Omitting every picture, output the records below exactly, please.
===== INPUT DATA
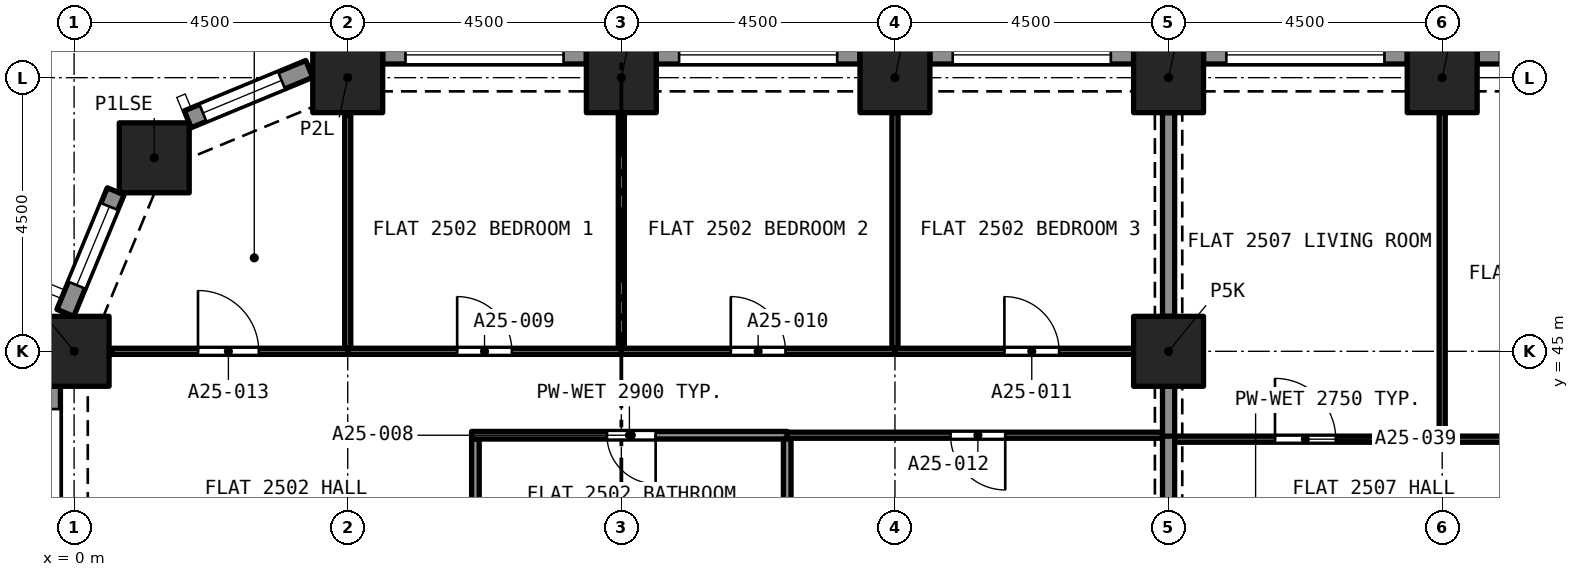
"""IFC4 building model, lengths in metres.
Left out: names, types, materials, properties, quantities, classifications, styles, units other than length and angle.
Written with IfcOpenShell. Run it as: python <this file> out.ifc"""

import sys

from ifc_helpers import new_model, si_unit, direction, frame, frame_2d, origin, origin_2d, place, context, subcontext, project, spatial, rectangle, extrude, element, fill, save


model = new_model("IFC4")
c1 = context("Model", 3, precision=1e-05, world=origin(), true_north=direction((0.0, 1.0)))
c2 = subcontext(c1, "Body", "Model", "MODEL_VIEW")
j1 = project(units=[si_unit("LENGTHUNIT", "METRE"), si_unit("PLANEANGLEUNIT", "RADIAN")], contexts=[c1])
p1 = place(None, origin())
s1 = spatial("IfcSite", under=j1, at=p1, CompositionType="ELEMENT")
p2 = place(p1, origin())
s2 = spatial("IfcBuilding", under=s1, at=p2, CompositionType="ELEMENT")
p3 = place(p2, frame((0.0, 0.0, 92.8)))
s3 = spatial("IfcBuildingStorey", under=s2, at=p3, CompositionType="ELEMENT", Elevation=92.8)
for number, where, z_axis, x_axis in (
    (1, (0.0, 45.0, 0.0), (0.0, 0.0, 1.0), (1.0, 0.0, 0.0)),
    (2, (18.0, 45.0, 0.0), (0.0, 0.0, 1.0), (1.0, 0.0, 0.0)),
    (3, (1.318, 48.182, 0.0), (0.0, 0.0, 1.0), (1.0, 0.0, 0.0)),
    (4, (4.5, 49.5, 0.0), (0.0, 0.0, 1.0), (1.0, 0.0, 0.0)),
    (5, (9.0, 49.5, 0.0), (0.0, 0.0, 1.0), (1.0, 0.0, 0.0)),
    (6, (13.5, 49.5, 0.0), (0.0, 0.0, 1.0), (1.0, 0.0, 0.0)),
    (7, (18.0, 49.5, 0.0), (0.0, 0.0, 1.0), (1.0, 0.0, 0.0)),
    (8, (22.5, 49.5, 0.0), (0.0, 0.0, 1.0), (1.0, 0.0, 0.0)),
):
    element("IfcColumn", number, at=place(p3, frame(where, z_axis=z_axis, x_axis=x_axis)), inside=s3, PredefinedType="COLUMN", context=c2, shape_type="SweptSolid", body=[
        extrude(rectangle(XDim=1.15, YDim=1.15, at=origin_2d()), origin(), (0.0, 0.0, 1.0), 3.2),
    ])
p4 = place(p3, frame((23.075, 49.875, 0.0), z_axis=(0.0, 0.0, 1.0), x_axis=(1.0, 0.0, 0.0)))
e9 = element("IfcWall", 9, at=p4, inside=s3, PredefinedType="SOLIDWALL", context=c2, shape_type="SweptSolid", body=[
    extrude(rectangle(XDim=3.35, YDim=0.3, at=frame_2d((1.675, 0.0))), origin(), (0.0, 0.0, 1.0), 3.2),
])
p5 = place(p4, frame((0.375, 0.0, 0.45)))
e10 = element("IfcOpeningElement", 10, at=p5, cuts=e9, PredefinedType="OPENING", context=c2, shape_type="SweptSolid", body=[
    extrude(rectangle(XDim=2.6, YDim=1.95, at=frame_2d((1.3, 0.975))), frame((0.0, 0.16, 0.0), z_axis=(0.0, -1.0, 0.0), x_axis=(1.0, 0.0, 0.0)), (0.0, 0.0, 1.0), 0.32),
])
p6 = place(p3, frame((18.575, 49.875, 0.0), z_axis=(0.0, 0.0, 1.0), x_axis=(1.0, 0.0, 0.0)))
e11 = element("IfcWall", 11, at=p6, inside=s3, PredefinedType="SOLIDWALL", context=c2, shape_type="SweptSolid", body=[
    extrude(rectangle(XDim=3.35, YDim=0.3, at=frame_2d((1.675, 0.0))), origin(), (0.0, 0.0, 1.0), 3.2),
])
p7 = place(p6, frame((0.375, 0.0, 0.45)))
e12 = element("IfcOpeningElement", 12, at=p7, cuts=e11, PredefinedType="OPENING", context=c2, shape_type="SweptSolid", body=[
    extrude(rectangle(XDim=2.6, YDim=1.95, at=frame_2d((1.3, 0.975))), frame((0.0, 0.16, 0.0), z_axis=(0.0, -1.0, 0.0), x_axis=(1.0, 0.0, 0.0)), (0.0, 0.0, 1.0), 0.32),
])
p8 = place(p3, frame((14.075, 49.875, 0.0), z_axis=(0.0, 0.0, 1.0), x_axis=(1.0, 0.0, 0.0)))
e13 = element("IfcWall", 13, at=p8, inside=s3, PredefinedType="SOLIDWALL", context=c2, shape_type="SweptSolid", body=[
    extrude(rectangle(XDim=3.35, YDim=0.3, at=frame_2d((1.675, 0.0))), origin(), (0.0, 0.0, 1.0), 3.2),
])
p9 = place(p8, frame((0.375, 0.0, 0.45)))
e14 = element("IfcOpeningElement", 14, at=p9, cuts=e13, PredefinedType="OPENING", context=c2, shape_type="SweptSolid", body=[
    extrude(rectangle(XDim=2.6, YDim=1.95, at=frame_2d((1.3, 0.975))), frame((0.0, 0.16, 0.0), z_axis=(0.0, -1.0, 0.0), x_axis=(1.0, 0.0, 0.0)), (0.0, 0.0, 1.0), 0.32),
])
p10 = place(p3, frame((9.575, 49.875, 0.0), z_axis=(0.0, 0.0, 1.0), x_axis=(1.0, 0.0, 0.0)))
e15 = element("IfcWall", 15, at=p10, inside=s3, PredefinedType="SOLIDWALL", context=c2, shape_type="SweptSolid", body=[
    extrude(rectangle(XDim=3.35, YDim=0.3, at=frame_2d((1.675, 0.0))), origin(), (0.0, 0.0, 1.0), 3.2),
])
p11 = place(p10, frame((0.375, 0.0, 0.45)))
e16 = element("IfcOpeningElement", 16, at=p11, cuts=e15, PredefinedType="OPENING", context=c2, shape_type="SweptSolid", body=[
    extrude(rectangle(XDim=2.6, YDim=1.95, at=frame_2d((1.3, 0.975))), frame((0.0, 0.16, 0.0), z_axis=(0.0, -1.0, 0.0), x_axis=(1.0, 0.0, 0.0)), (0.0, 0.0, 1.0), 0.32),
])
p12 = place(p3, frame((5.075, 49.875, 0.0), z_axis=(0.0, 0.0, 1.0), x_axis=(1.0, 0.0, 0.0)))
e17 = element("IfcWall", 17, at=p12, inside=s3, PredefinedType="SOLIDWALL", context=c2, shape_type="SweptSolid", body=[
    extrude(rectangle(XDim=3.35, YDim=0.3, at=frame_2d((1.675, 0.0))), origin(), (0.0, 0.0, 1.0), 3.2),
])
p13 = place(p12, frame((0.375, 0.0, 0.45)))
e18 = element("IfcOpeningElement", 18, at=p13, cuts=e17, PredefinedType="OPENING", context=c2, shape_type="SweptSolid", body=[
==========
_WRITTEN ANSWER:_
"""IFC4 building model, lengths in metres.
Left out: names, types, materials, properties, quantities, classifications, styles, units other than length and angle.
Written with IfcOpenShell. Run it as: python <this file> out.ifc"""

import sys

from ifc_helpers import new_model, si_unit, direction, frame, frame_2d, origin, origin_2d, place, context, subcontext, project, spatial, rectangle, extrude, element, fill, save


model = new_model("IFC4")
c1 = context("Model", 3, precision=1e-05, world=origin(), true_north=direction((0.0, 1.0)))
c2 = subcontext(c1, "Body", "Model", "MODEL_VIEW")
j1 = project(units=[si_unit("LENGTHUNIT", "METRE"), si_unit("PLANEANGLEUNIT", "RADIAN")], contexts=[c1])
p1 = place(None, origin())
s1 = spatial("IfcSite", under=j1, at=p1, CompositionType="ELEMENT")
p2 = place(p1, origin())
s2 = spatial("IfcBuilding", under=s1, at=p2, CompositionType="ELEMENT")
p3 = place(p2, frame((0.0, 0.0, 92.8)))
s3 = spatial("IfcBuildingStorey", under=s2, at=p3, CompositionType="ELEMENT", Elevation=92.8)
for number, where, z_axis, x_axis in (
    (1, (0.0, 45.0, 0.0), (0.0, 0.0, 1.0), (1.0, 0.0, 0.0)),
    (2, (18.0, 45.0, 0.0), (0.0, 0.0, 1.0), (1.0, 0.0, 0.0)),
    (3, (1.318, 48.182, 0.0), (0.0, 0.0, 1.0), (1.0, 0.0, 0.0)),
    (4, (4.5, 49.5, 0.0), (0.0, 0.0, 1.0), (1.0, 0.0, 0.0)),
    (5, (9.0, 49.5, 0.0), (0.0, 0.0, 1.0), (1.0, 0.0, 0.0)),
    (6, (13.5, 49.5, 0.0), (0.0, 0.0, 1.0), (1.0, 0.0, 0.0)),
    (7, (18.0, 49.5, 0.0), (0.0, 0.0, 1.0), (1.0, 0.0, 0.0)),
    (8, (22.5, 49.5, 0.0), (0.0, 0.0, 1.0), (1.0, 0.0, 0.0)),
):
    element("IfcColumn", number, at=place(p3, frame(where, z_axis=z_axis, x_axis=x_axis)), inside=s3, PredefinedType="COLUMN", context=c2, shape_type="SweptSolid", body=[
        extrude(rectangle(XDim=1.15, YDim=1.15, at=origin_2d()), origin(), (0.0, 0.0, 1.0), 3.2),
    ])
p4 = place(p3, frame((23.075, 49.875, 0.0), z_axis=(0.0, 0.0, 1.0), x_axis=(1.0, 0.0, 0.0)))
e9 = element("IfcWall", 9, at=p4, inside=s3, PredefinedType="SOLIDWALL", context=c2, shape_type="SweptSolid", body=[
    extrude(rectangle(XDim=3.35, YDim=0.3, at=frame_2d((1.675, 0.0))), origin(), (0.0, 0.0, 1.0), 3.2),
])
p5 = place(p4, frame((0.375, 0.0, 0.45)))
e10 = element("IfcOpeningElement", 10, at=p5, cuts=e9, PredefinedType="OPENING", context=c2, shape_type="SweptSolid", body=[
    extrude(rectangle(XDim=2.6, YDim=1.95, at=frame_2d((1.3, 0.975))), frame((0.0, 0.16, 0.0), z_axis=(0.0, -1.0, 0.0), x_axis=(1.0, 0.0, 0.0)), (0.0, 0.0, 1.0), 0.32),
])
p6 = place(p3, frame((18.575, 49.875, 0.0), z_axis=(0.0, 0.0, 1.0), x_axis=(1.0, 0.0, 0.0)))
e11 = element("IfcWall", 11, at=p6, inside=s3, PredefinedType="SOLIDWALL", context=c2, shape_type="SweptSolid", body=[
    extrude(rectangle(XDim=3.35, YDim=0.3, at=frame_2d((1.675, 0.0))), origin(), (0.0, 0.0, 1.0), 3.2),
])
p7 = place(p6, frame((0.375, 0.0, 0.45)))
e12 = element("IfcOpeningElement", 12, at=p7, cuts=e11, PredefinedType="OPENING", context=c2, shape_type="SweptSolid", body=[
    extrude(rectangle(XDim=2.6, YDim=1.95, at=frame_2d((1.3, 0.975))), frame((0.0, 0.16, 0.0), z_axis=(0.0, -1.0, 0.0), x_axis=(1.0, 0.0, 0.0)), (0.0, 0.0, 1.0), 0.32),
])
p8 = place(p3, frame((14.075, 49.875, 0.0), z_axis=(0.0, 0.0, 1.0), x_axis=(1.0, 0.0, 0.0)))
e13 = element("IfcWall", 13, at=p8, inside=s3, PredefinedType="SOLIDWALL", context=c2, shape_type="SweptSolid", body=[
    extrude(rectangle(XDim=3.35, YDim=0.3, at=frame_2d((1.675, 0.0))), origin(), (0.0, 0.0, 1.0), 3.2),
])
p9 = place(p8, frame((0.375, 0.0, 0.45)))
e14 = element("IfcOpeningElement", 14, at=p9, cuts=e13, PredefinedType="OPENING", context=c2, shape_type="SweptSolid", body=[
    extrude(rectangle(XDim=2.6, YDim=1.95, at=frame_2d((1.3, 0.975))), frame((0.0, 0.16, 0.0), z_axis=(0.0, -1.0, 0.0), x_axis=(1.0, 0.0, 0.0)), (0.0, 0.0, 1.0), 0.32),
])
p10 = place(p3, frame((9.575, 49.875, 0.0), z_axis=(0.0, 0.0, 1.0), x_axis=(1.0, 0.0, 0.0)))
e15 = element("IfcWall", 15, at=p10, inside=s3, PredefinedType="SOLIDWALL", context=c2, shape_type="SweptSolid", body=[
    extrude(rectangle(XDim=3.35, YDim=0.3, at=frame_2d((1.675, 0.0))), origin(), (0.0, 0.0, 1.0), 3.2),
])
p11 = place(p10, frame((0.375, 0.0, 0.45)))
e16 = element("IfcOpeningElement", 16, at=p11, cuts=e15, PredefinedType="OPENING", context=c2, shape_type="SweptSolid", body=[
    extrude(rectangle(XDim=2.6, YDim=1.95, at=frame_2d((1.3, 0.975))), frame((0.0, 0.16, 0.0), z_axis=(0.0, -1.0, 0.0), x_axis=(1.0, 0.0, 0.0)), (0.0, 0.0, 1.0), 0.32),
])
p12 = place(p3, frame((5.075, 49.875, 0.0), z_axis=(0.0, 0.0, 1.0), x_axis=(1.0, 0.0, 0.0)))
e17 = element("IfcWall", 17, at=p12, inside=s3, PredefinedType="SOLIDWALL", context=c2, shape_type="SweptSolid", body=[
    extrude(rectangle(XDim=3.35, YDim=0.3, at=frame_2d((1.675, 0.0))), origin(), (0.0, 0.0, 1.0), 3.2),
])
p13 = place(p12, frame((0.375, 0.0, 0.45)))
e18 = element("IfcOpeningElement", 18, at=p13, cuts=e17, PredefinedType="OPENING", context=c2, shape_type="SweptSolid", body=[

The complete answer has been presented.